YOUR OBJECTIVE:
Leave out the pictures, and retype the remaining data exactly.

Stored items
* * *
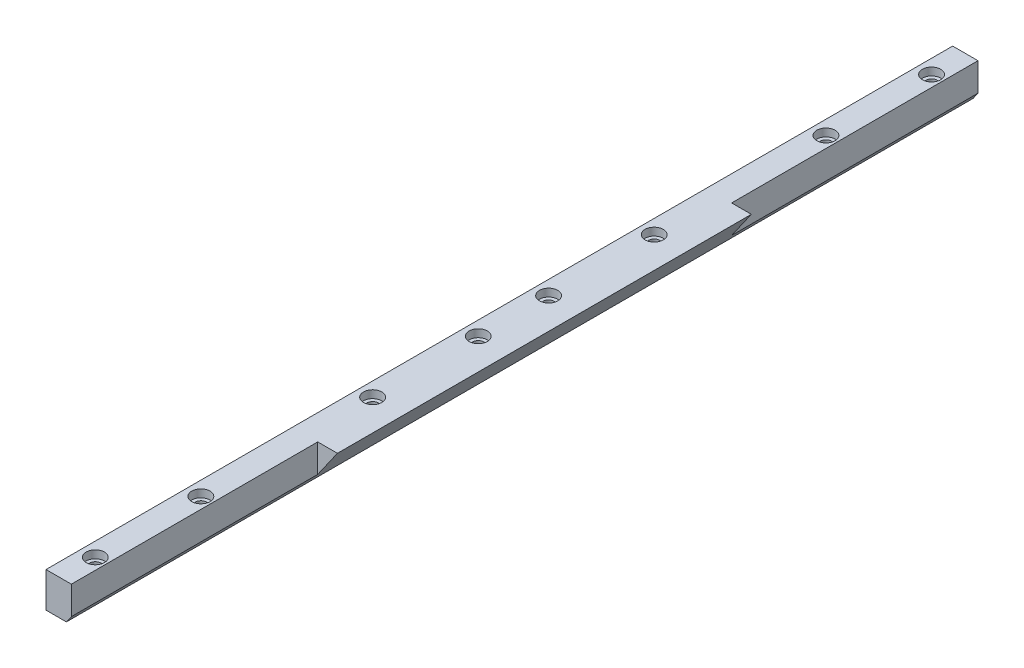
from build123d import *

# Parameters (mm, degrees)
EXTRUDE_1_DEPTH     = 1288
SKETCH_2_R          = 8
CUT_EXTRUDE_1_DEPTH = 725
SKETCH_3_R          = 13
CUT_EXTRUDE_2_DEPTH = 11
CUT_EXTRUDE_3_DEPTH = 350


with BuildPart() as part:
    # 草图1 → 凸台-拉伸1 (new body)
    with BuildSketch(Plane.XY):
        Polygon((0, 0), (0, 50), (64, 50), (29, 0), align=None)
    extrude(amount=EXTRUDE_1_DEPTH)

    # 草图2 → 切除-拉伸1 (cut)
    with BuildSketch(Plane(origin=(0, 50, 0), x_dir=(1, 0, 0), z_dir=(0, 1, 0))):
        with Locations(Location((20, -50, 0), (0, 0, 270))):
            Circle(SKETCH_2_R)
        with Locations(Location((20, -200, 0), (0, 0, 270))):
            Circle(SKETCH_2_R)
        with Locations(Location((20, -444, 0), (0, 0, 270))):
            Circle(SKETCH_2_R)
        with Locations(Location((20, -594, 0), (0, 0, 270))):
            Circle(SKETCH_2_R)
        with Locations(Location((20, -694, 0), (0, 0, 270))):
            Circle(SKETCH_2_R)
        with Locations(Location((20, -844, 0), (0, 0, 270))):
            Circle(SKETCH_2_R)
        with Locations(Location((20, -1088, 0), (0, 0, 270))):
            Circle(SKETCH_2_R)
        with Locations(Location((20, -1238, 0), (0, 0, 270))):
            Circle(SKETCH_2_R)
    extrude(amount=-CUT_EXTRUDE_1_DEPTH, mode=Mode.SUBTRACT)

    # 草图3 → 切除-拉伸2 (cut)
    with BuildSketch(Plane(origin=(0, 50, 0), x_dir=(1, 0, 0), z_dir=(0, 1, 0))):
        with Locations(Location((20, -50, 0), (0, 0, 270))):
            Circle(SKETCH_3_R)
        with Locations(Location((20, -200, 0), (0, 0, 270))):
            Circle(SKETCH_3_R)
        with Locations(Location((20, -444, 0), (0, 0, 270))):
            Circle(SKETCH_3_R)
        with Locations(Location((20, -594, 0), (0, 0, 270))):
            Circle(SKETCH_3_R)
        with Locations(Location((20, -694, 0), (0, 0, 270))):
            Circle(SKETCH_3_R)
        with Locations(Location((20, -844, 0), (0, 0, 270))):
            Circle(SKETCH_3_R)
        with Locations(Location((20, -1088, 0), (0, 0, 270))):
            Circle(SKETCH_3_R)
        with Locations(Location((20, -1238, 0), (0, 0, 270))):
            Circle(SKETCH_3_R)
    extrude(amount=-CUT_EXTRUDE_2_DEPTH, mode=Mode.SUBTRACT)

    # 草图4 → 切除-拉伸3 (cut)
    with BuildSketch(Plane.XY.offset(1288)):
        Polygon((64, 50), (36, 50), (36, 10), align=None)
    cut_extrude_3 = extrude(amount=-CUT_EXTRUDE_3_DEPTH, mode=Mode.SUBTRACT)

    # 镜向1: 切除-拉伸3 across plane
    add(cut_extrude_3.mirror(Plane(origin=(0, 0, 644), x_dir=(1, 0, 0), z_dir=(0, 0, -1))), mode=Mode.SUBTRACT)


solid = part.part
* * *
WRITTEN ANSWER:
from build123d import *

# Parameters (mm, degrees)
EXTRUDE_1_DEPTH     = 1288
SKETCH_2_R          = 8
CUT_EXTRUDE_1_DEPTH = 725
SKETCH_3_R          = 13
CUT_EXTRUDE_2_DEPTH = 11
CUT_EXTRUDE_3_DEPTH = 350


with BuildPart() as part:
    # 草图1 → 凸台-拉伸1 (new body)
    with BuildSketch(Plane.XY):
        Polygon((0, 0), (0, 50), (64, 50), (29, 0), align=None)
    extrude(amount=EXTRUDE_1_DEPTH)

    # 草图2 → 切除-拉伸1 (cut)
    with BuildSketch(Plane(origin=(0, 50, 0), x_dir=(1, 0, 0), z_dir=(0, 1, 0))):
        with Locations(Location((20, -50, 0), (0, 0, 270))):
            Circle(SKETCH_2_R)
        with Locations(Location((20, -200, 0), (0, 0, 270))):
            Circle(SKETCH_2_R)
        with Locations(Location((20, -444, 0), (0, 0, 270))):
            Circle(SKETCH_2_R)
        with Locations(Location((20, -594, 0), (0, 0, 270))):
            Circle(SKETCH_2_R)
        with Locations(Location((20, -694, 0), (0, 0, 270))):
            Circle(SKETCH_2_R)
        with Locations(Location((20, -844, 0), (0, 0, 270))):
            Circle(SKETCH_2_R)
        with Locations(Location((20, -1088, 0), (0, 0, 270))):
            Circle(SKETCH_2_R)
        with Locations(Location((20, -1238, 0), (0, 0, 270))):
            Circle(SKETCH_2_R)
    extrude(amount=-CUT_EXTRUDE_1_DEPTH, mode=Mode.SUBTRACT)

    # 草图3 → 切除-拉伸2 (cut)
    with BuildSketch(Plane(origin=(0, 50, 0), x_dir=(1, 0, 0), z_dir=(0, 1, 0))):
        with Locations(Location((20, -50, 0), (0, 0, 270))):
            Circle(SKETCH_3_R)
        with Locations(Location((20, -200, 0), (0, 0, 270))):
            Circle(SKETCH_3_R)
        with Locations(Location((20, -444, 0), (0, 0, 270))):
            Circle(SKETCH_3_R)
        with Locations(Location((20, -594, 0), (0, 0, 270))):
            Circle(SKETCH_3_R)
        with Locations(Location((20, -694, 0), (0, 0, 270))):
            Circle(SKETCH_3_R)
        with Locations(Location((20, -844, 0), (0, 0, 270))):
            Circle(SKETCH_3_R)
        with Locations(Location((20, -1088, 0), (0, 0, 270))):
            Circle(SKETCH_3_R)
        with Locations(Location((20, -1238, 0), (0, 0, 270))):
            Circle(SKETCH_3_R)
    extrude(amount=-CUT_EXTRUDE_2_DEPTH, mode=Mode.SUBTRACT)

    # 草图4 → 切除-拉伸3 (cut)
    with BuildSketch(Plane.XY.offset(1288)):
        Polygon((64, 50), (36, 50), (36, 10), align=None)
    cut_extrude_3 = extrude(amount=-CUT_EXTRUDE_3_DEPTH, mode=Mode.SUBTRACT)

    # 镜向1: 切除-拉伸3 across plane
    add(cut_extrude_3.mirror(Plane(origin=(0, 0, 644), x_dir=(1, 0, 0), z_dir=(0, 0, -1))), mode=Mode.SUBTRACT)


solid = part.part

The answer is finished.